Exercise directions
Type the entries out once more. Match them exactly.

Collection entries:
╔══

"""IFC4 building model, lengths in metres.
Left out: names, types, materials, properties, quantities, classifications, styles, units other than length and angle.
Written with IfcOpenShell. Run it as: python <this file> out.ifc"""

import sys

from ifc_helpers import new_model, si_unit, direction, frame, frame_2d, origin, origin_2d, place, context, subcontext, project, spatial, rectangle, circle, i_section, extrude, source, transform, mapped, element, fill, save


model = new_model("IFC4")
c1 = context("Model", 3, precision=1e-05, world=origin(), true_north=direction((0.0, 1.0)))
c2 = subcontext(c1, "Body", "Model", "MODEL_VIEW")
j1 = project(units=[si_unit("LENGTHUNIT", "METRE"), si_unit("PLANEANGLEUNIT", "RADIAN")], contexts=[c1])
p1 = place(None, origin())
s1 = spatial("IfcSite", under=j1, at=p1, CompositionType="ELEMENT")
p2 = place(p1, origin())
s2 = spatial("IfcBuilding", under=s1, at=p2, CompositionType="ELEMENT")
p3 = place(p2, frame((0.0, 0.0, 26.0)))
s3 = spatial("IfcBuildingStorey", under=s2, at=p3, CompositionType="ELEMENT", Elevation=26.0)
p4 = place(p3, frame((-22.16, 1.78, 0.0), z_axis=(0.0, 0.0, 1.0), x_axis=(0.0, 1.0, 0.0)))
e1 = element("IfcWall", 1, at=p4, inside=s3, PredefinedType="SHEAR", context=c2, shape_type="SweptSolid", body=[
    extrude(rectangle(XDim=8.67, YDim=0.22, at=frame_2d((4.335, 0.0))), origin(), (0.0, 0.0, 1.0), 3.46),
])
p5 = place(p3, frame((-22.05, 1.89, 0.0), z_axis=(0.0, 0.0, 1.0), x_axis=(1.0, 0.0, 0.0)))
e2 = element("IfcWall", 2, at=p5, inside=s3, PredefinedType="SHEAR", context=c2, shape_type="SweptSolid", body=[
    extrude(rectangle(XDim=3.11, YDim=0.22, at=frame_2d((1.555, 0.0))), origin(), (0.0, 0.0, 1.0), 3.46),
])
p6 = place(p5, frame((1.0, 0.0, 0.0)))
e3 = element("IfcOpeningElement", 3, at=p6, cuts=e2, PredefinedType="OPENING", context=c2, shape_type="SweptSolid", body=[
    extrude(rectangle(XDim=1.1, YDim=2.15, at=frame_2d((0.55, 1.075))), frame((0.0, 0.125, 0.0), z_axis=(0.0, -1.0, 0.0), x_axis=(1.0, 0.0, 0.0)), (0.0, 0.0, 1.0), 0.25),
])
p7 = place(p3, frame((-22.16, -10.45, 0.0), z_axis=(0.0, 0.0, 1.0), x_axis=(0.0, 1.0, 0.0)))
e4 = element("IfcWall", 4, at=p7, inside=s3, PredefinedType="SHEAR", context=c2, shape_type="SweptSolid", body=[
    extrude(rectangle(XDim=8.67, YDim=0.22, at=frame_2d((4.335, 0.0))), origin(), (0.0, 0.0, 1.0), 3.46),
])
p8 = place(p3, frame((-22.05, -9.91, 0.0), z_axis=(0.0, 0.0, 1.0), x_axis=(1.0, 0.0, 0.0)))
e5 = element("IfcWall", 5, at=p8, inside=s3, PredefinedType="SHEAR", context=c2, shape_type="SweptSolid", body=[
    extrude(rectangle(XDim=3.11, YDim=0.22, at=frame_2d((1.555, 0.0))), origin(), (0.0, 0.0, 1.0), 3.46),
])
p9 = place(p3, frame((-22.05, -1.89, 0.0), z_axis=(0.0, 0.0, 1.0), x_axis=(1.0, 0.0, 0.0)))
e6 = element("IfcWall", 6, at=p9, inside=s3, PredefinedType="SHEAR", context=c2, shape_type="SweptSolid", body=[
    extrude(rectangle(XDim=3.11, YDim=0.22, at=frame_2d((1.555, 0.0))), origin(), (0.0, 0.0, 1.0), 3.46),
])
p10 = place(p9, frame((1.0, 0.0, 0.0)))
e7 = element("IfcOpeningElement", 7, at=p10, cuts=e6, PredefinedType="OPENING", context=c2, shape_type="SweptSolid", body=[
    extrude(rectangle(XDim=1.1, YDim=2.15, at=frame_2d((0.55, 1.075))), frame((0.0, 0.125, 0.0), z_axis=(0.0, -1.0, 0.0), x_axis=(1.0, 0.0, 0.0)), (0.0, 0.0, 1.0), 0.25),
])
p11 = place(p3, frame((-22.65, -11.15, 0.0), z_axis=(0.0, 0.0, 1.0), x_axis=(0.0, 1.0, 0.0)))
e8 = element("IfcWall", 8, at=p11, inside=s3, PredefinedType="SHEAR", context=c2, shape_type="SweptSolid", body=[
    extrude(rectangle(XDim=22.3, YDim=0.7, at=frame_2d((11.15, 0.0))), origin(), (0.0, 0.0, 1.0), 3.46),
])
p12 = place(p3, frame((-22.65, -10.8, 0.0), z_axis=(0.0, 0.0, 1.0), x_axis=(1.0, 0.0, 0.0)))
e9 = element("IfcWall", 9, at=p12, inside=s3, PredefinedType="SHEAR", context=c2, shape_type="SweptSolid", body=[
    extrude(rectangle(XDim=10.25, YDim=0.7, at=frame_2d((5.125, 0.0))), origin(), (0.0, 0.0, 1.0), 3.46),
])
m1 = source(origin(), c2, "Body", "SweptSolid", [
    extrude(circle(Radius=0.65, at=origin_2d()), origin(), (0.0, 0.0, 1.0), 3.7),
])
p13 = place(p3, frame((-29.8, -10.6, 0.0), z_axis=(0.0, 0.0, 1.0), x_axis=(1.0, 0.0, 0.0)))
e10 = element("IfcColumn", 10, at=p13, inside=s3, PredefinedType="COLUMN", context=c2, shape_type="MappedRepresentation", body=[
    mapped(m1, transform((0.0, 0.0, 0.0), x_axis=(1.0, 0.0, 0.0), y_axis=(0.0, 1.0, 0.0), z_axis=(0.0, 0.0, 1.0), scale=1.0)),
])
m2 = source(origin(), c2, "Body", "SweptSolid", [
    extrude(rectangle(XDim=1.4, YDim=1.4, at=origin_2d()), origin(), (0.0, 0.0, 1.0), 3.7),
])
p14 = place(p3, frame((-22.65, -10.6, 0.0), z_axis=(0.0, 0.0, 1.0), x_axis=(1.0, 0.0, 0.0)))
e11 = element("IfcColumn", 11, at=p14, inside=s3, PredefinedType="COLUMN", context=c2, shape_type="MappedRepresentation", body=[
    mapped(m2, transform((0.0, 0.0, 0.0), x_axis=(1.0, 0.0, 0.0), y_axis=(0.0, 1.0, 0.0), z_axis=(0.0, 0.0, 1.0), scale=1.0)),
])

╚══

Result for this exercise
"""IFC4 building model, lengths in metres.
Left out: names, types, materials, properties, quantities, classifications, styles, units other than length and angle.
Written with IfcOpenShell. Run it as: python <this file> out.ifc"""

import sys

from ifc_helpers import new_model, si_unit, direction, frame, frame_2d, origin, origin_2d, place, context, subcontext, project, spatial, rectangle, circle, i_section, extrude, source, transform, mapped, element, fill, save


model = new_model("IFC4")
c1 = context("Model", 3, precision=1e-05, world=origin(), true_north=direction((0.0, 1.0)))
c2 = subcontext(c1, "Body", "Model", "MODEL_VIEW")
j1 = project(units=[si_unit("LENGTHUNIT", "METRE"), si_unit("PLANEANGLEUNIT", "RADIAN")], contexts=[c1])
p1 = place(None, origin())
s1 = spatial("IfcSite", under=j1, at=p1, CompositionType="ELEMENT")
p2 = place(p1, origin())
s2 = spatial("IfcBuilding", under=s1, at=p2, CompositionType="ELEMENT")
p3 = place(p2, frame((0.0, 0.0, 26.0)))
s3 = spatial("IfcBuildingStorey", under=s2, at=p3, CompositionType="ELEMENT", Elevation=26.0)
p4 = place(p3, frame((-22.16, 1.78, 0.0), z_axis=(0.0, 0.0, 1.0), x_axis=(0.0, 1.0, 0.0)))
e1 = element("IfcWall", 1, at=p4, inside=s3, PredefinedType="SHEAR", context=c2, shape_type="SweptSolid", body=[
    extrude(rectangle(XDim=8.67, YDim=0.22, at=frame_2d((4.335, 0.0))), origin(), (0.0, 0.0, 1.0), 3.46),
])
p5 = place(p3, frame((-22.05, 1.89, 0.0), z_axis=(0.0, 0.0, 1.0), x_axis=(1.0, 0.0, 0.0)))
e2 = element("IfcWall", 2, at=p5, inside=s3, PredefinedType="SHEAR", context=c2, shape_type="SweptSolid", body=[
    extrude(rectangle(XDim=3.11, YDim=0.22, at=frame_2d((1.555, 0.0))), origin(), (0.0, 0.0, 1.0), 3.46),
])
p6 = place(p5, frame((1.0, 0.0, 0.0)))
e3 = element("IfcOpeningElement", 3, at=p6, cuts=e2, PredefinedType="OPENING", context=c2, shape_type="SweptSolid", body=[
    extrude(rectangle(XDim=1.1, YDim=2.15, at=frame_2d((0.55, 1.075))), frame((0.0, 0.125, 0.0), z_axis=(0.0, -1.0, 0.0), x_axis=(1.0, 0.0, 0.0)), (0.0, 0.0, 1.0), 0.25),
])
p7 = place(p3, frame((-22.16, -10.45, 0.0), z_axis=(0.0, 0.0, 1.0), x_axis=(0.0, 1.0, 0.0)))
e4 = element("IfcWall", 4, at=p7, inside=s3, PredefinedType="SHEAR", context=c2, shape_type="SweptSolid", body=[
    extrude(rectangle(XDim=8.67, YDim=0.22, at=frame_2d((4.335, 0.0))), origin(), (0.0, 0.0, 1.0), 3.46),
])
p8 = place(p3, frame((-22.05, -9.91, 0.0), z_axis=(0.0, 0.0, 1.0), x_axis=(1.0, 0.0, 0.0)))
e5 = element("IfcWall", 5, at=p8, inside=s3, PredefinedType="SHEAR", context=c2, shape_type="SweptSolid", body=[
    extrude(rectangle(XDim=3.11, YDim=0.22, at=frame_2d((1.555, 0.0))), origin(), (0.0, 0.0, 1.0), 3.46),
])
p9 = place(p3, frame((-22.05, -1.89, 0.0), z_axis=(0.0, 0.0, 1.0), x_axis=(1.0, 0.0, 0.0)))
e6 = element("IfcWall", 6, at=p9, inside=s3, PredefinedType="SHEAR", context=c2, shape_type="SweptSolid", body=[
    extrude(rectangle(XDim=3.11, YDim=0.22, at=frame_2d((1.555, 0.0))), origin(), (0.0, 0.0, 1.0), 3.46),
])
p10 = place(p9, frame((1.0, 0.0, 0.0)))
e7 = element("IfcOpeningElement", 7, at=p10, cuts=e6, PredefinedType="OPENING", context=c2, shape_type="SweptSolid", body=[
    extrude(rectangle(XDim=1.1, YDim=2.15, at=frame_2d((0.55, 1.075))), frame((0.0, 0.125, 0.0), z_axis=(0.0, -1.0, 0.0), x_axis=(1.0, 0.0, 0.0)), (0.0, 0.0, 1.0), 0.25),
])
p11 = place(p3, frame((-22.65, -11.15, 0.0), z_axis=(0.0, 0.0, 1.0), x_axis=(0.0, 1.0, 0.0)))
e8 = element("IfcWall", 8, at=p11, inside=s3, PredefinedType="SHEAR", context=c2, shape_type="SweptSolid", body=[
    extrude(rectangle(XDim=22.3, YDim=0.7, at=frame_2d((11.15, 0.0))), origin(), (0.0, 0.0, 1.0), 3.46),
])
p12 = place(p3, frame((-22.65, -10.8, 0.0), z_axis=(0.0, 0.0, 1.0), x_axis=(1.0, 0.0, 0.0)))
e9 = element("IfcWall", 9, at=p12, inside=s3, PredefinedType="SHEAR", context=c2, shape_type="SweptSolid", body=[
    extrude(rectangle(XDim=10.25, YDim=0.7, at=frame_2d((5.125, 0.0))), origin(), (0.0, 0.0, 1.0), 3.46),
])
m1 = source(origin(), c2, "Body", "SweptSolid", [
    extrude(circle(Radius=0.65, at=origin_2d()), origin(), (0.0, 0.0, 1.0), 3.7),
])
p13 = place(p3, frame((-29.8, -10.6, 0.0), z_axis=(0.0, 0.0, 1.0), x_axis=(1.0, 0.0, 0.0)))
e10 = element("IfcColumn", 10, at=p13, inside=s3, PredefinedType="COLUMN", context=c2, shape_type="MappedRepresentation", body=[
    mapped(m1, transform((0.0, 0.0, 0.0), x_axis=(1.0, 0.0, 0.0), y_axis=(0.0, 1.0, 0.0), z_axis=(0.0, 0.0, 1.0), scale=1.0)),
])
m2 = source(origin(), c2, "Body", "SweptSolid", [
    extrude(rectangle(XDim=1.4, YDim=1.4, at=origin_2d()), origin(), (0.0, 0.0, 1.0), 3.7),
])
p14 = place(p3, frame((-22.65, -10.6, 0.0), z_axis=(0.0, 0.0, 1.0), x_axis=(1.0, 0.0, 0.0)))
e11 = element("IfcColumn", 11, at=p14, inside=s3, PredefinedType="COLUMN", context=c2, shape_type="MappedRepresentation", body=[
    mapped(m2, transform((0.0, 0.0, 0.0), x_axis=(1.0, 0.0, 0.0), y_axis=(0.0, 1.0, 0.0), z_axis=(0.0, 0.0, 1.0), scale=1.0)),
])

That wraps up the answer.